Task statement – Reproduce word for word the lines of the listing from the first one through the one with "from ifc_helpers import", omitting every picture.

= = = =

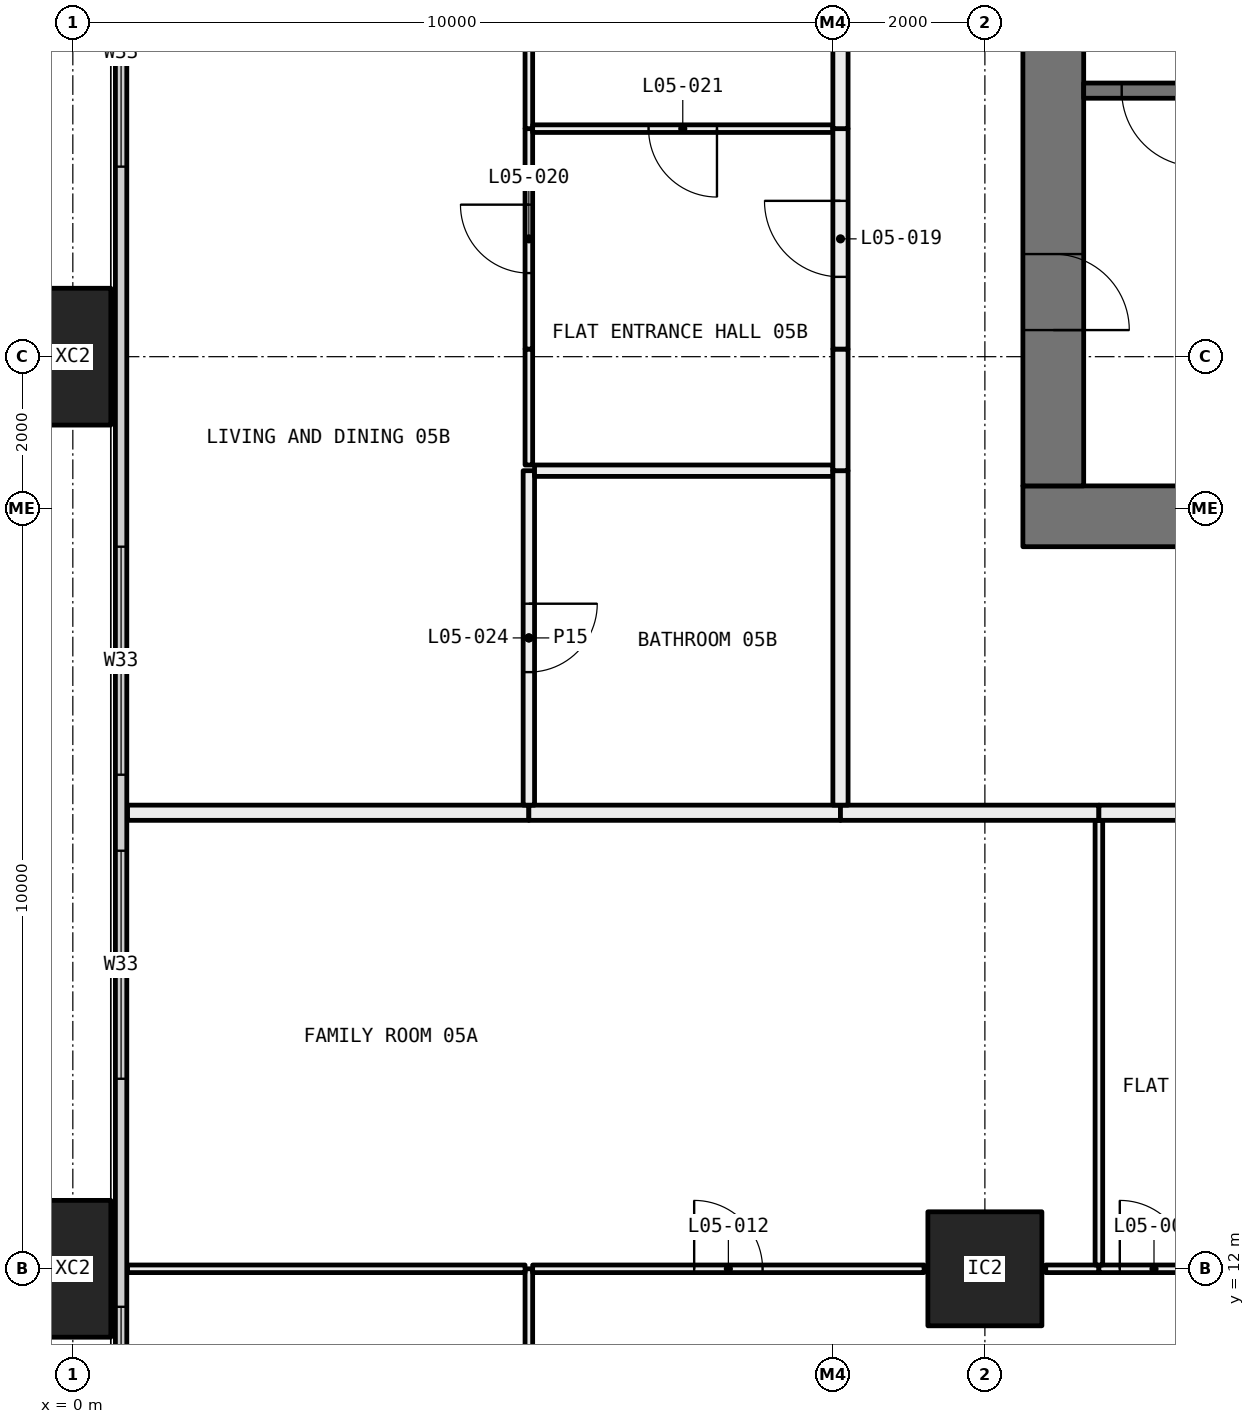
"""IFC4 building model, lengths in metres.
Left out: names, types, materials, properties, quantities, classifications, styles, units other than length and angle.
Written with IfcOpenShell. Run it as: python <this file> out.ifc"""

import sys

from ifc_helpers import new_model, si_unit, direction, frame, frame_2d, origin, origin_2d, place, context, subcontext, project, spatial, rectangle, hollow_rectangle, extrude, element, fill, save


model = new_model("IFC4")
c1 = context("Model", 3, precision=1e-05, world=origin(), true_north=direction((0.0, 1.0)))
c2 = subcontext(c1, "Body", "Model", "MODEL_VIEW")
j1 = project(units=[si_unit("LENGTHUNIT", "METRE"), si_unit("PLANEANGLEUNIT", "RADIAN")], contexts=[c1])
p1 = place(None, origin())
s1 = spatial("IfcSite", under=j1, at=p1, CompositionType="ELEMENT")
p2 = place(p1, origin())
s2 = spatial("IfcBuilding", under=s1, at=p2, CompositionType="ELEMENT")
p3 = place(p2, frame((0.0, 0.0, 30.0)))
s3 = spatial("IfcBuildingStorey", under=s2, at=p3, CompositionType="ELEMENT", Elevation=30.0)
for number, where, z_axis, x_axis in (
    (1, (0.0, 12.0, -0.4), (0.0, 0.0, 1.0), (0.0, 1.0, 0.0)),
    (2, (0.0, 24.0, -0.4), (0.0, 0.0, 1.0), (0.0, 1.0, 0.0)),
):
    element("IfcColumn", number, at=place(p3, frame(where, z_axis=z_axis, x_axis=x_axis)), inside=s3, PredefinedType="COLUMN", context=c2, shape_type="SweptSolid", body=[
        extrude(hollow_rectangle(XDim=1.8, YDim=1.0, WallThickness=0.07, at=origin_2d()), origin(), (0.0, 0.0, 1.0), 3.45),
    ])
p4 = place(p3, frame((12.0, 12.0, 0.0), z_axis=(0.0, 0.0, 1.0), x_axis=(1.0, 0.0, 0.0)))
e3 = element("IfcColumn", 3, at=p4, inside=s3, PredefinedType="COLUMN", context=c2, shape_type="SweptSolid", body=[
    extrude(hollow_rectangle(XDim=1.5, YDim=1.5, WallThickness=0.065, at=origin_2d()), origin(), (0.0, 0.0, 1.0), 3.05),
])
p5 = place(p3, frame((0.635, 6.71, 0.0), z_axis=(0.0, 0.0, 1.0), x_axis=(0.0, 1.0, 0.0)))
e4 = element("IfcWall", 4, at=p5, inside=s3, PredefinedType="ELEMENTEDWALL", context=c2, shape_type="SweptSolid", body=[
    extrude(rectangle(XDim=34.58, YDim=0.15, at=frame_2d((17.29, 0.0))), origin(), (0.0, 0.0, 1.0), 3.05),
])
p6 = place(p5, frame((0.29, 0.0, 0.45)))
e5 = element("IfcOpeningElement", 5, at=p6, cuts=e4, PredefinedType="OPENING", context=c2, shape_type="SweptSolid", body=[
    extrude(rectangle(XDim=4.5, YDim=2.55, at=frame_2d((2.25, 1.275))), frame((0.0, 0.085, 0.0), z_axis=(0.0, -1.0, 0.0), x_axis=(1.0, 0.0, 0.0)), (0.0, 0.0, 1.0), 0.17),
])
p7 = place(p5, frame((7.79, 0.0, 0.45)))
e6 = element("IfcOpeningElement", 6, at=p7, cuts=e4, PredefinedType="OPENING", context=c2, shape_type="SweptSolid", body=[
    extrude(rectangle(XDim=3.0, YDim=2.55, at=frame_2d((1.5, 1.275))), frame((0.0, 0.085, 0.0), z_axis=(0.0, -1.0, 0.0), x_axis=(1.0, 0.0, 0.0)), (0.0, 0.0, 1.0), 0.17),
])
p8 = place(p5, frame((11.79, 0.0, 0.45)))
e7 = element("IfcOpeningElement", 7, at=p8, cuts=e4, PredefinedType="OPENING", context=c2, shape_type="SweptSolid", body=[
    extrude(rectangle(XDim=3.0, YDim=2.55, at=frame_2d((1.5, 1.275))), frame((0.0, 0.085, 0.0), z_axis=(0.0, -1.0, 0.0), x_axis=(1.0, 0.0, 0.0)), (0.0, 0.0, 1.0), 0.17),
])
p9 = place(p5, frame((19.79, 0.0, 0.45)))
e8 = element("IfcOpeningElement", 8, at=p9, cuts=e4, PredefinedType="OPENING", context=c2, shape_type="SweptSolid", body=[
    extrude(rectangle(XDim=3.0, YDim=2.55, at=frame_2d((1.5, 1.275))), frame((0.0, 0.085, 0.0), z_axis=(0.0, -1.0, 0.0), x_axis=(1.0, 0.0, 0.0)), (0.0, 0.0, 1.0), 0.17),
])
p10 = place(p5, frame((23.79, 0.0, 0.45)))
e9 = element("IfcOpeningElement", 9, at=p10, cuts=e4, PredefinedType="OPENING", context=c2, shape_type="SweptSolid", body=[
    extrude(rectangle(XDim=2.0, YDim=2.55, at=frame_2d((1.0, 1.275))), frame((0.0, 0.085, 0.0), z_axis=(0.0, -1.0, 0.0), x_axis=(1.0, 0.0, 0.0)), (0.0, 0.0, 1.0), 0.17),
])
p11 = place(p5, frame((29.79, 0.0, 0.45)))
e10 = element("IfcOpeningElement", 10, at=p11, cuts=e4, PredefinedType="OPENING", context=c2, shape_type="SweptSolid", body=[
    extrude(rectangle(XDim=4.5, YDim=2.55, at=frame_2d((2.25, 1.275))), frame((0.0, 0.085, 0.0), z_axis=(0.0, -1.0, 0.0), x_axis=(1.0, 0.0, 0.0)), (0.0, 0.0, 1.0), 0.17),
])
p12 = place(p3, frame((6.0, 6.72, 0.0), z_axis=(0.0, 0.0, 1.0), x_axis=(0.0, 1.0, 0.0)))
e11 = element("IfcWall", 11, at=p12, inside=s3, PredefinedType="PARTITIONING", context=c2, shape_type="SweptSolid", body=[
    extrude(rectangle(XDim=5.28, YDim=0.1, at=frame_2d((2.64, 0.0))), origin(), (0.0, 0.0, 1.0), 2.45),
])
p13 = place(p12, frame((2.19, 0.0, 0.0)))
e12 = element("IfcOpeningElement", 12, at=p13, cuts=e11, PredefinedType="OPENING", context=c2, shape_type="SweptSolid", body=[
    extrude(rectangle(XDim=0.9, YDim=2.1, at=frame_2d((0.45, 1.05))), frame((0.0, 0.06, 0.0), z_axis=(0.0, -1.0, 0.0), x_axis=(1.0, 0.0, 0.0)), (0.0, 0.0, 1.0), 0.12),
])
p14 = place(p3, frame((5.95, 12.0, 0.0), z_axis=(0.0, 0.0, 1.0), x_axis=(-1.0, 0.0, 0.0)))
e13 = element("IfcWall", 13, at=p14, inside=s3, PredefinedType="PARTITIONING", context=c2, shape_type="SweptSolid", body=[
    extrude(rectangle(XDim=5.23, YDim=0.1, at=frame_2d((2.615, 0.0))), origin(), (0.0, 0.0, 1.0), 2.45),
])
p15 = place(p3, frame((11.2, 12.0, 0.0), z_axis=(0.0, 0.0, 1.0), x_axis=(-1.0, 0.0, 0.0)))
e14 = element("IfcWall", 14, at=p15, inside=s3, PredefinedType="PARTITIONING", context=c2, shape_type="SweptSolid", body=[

= = = =

Response to this exercise –
"""IFC4 building model, lengths in metres.
Left out: names, types, materials, properties, quantities, classifications, styles, units other than length and angle.
Written with IfcOpenShell. Run it as: python <this file> out.ifc"""

import sys

from ifc_helpers import new_model, si_unit, direction, frame, frame_2d, origin, origin_2d, place, context, subcontext, project, spatial, rectangle, hollow_rectangle, extrude, element, fill, save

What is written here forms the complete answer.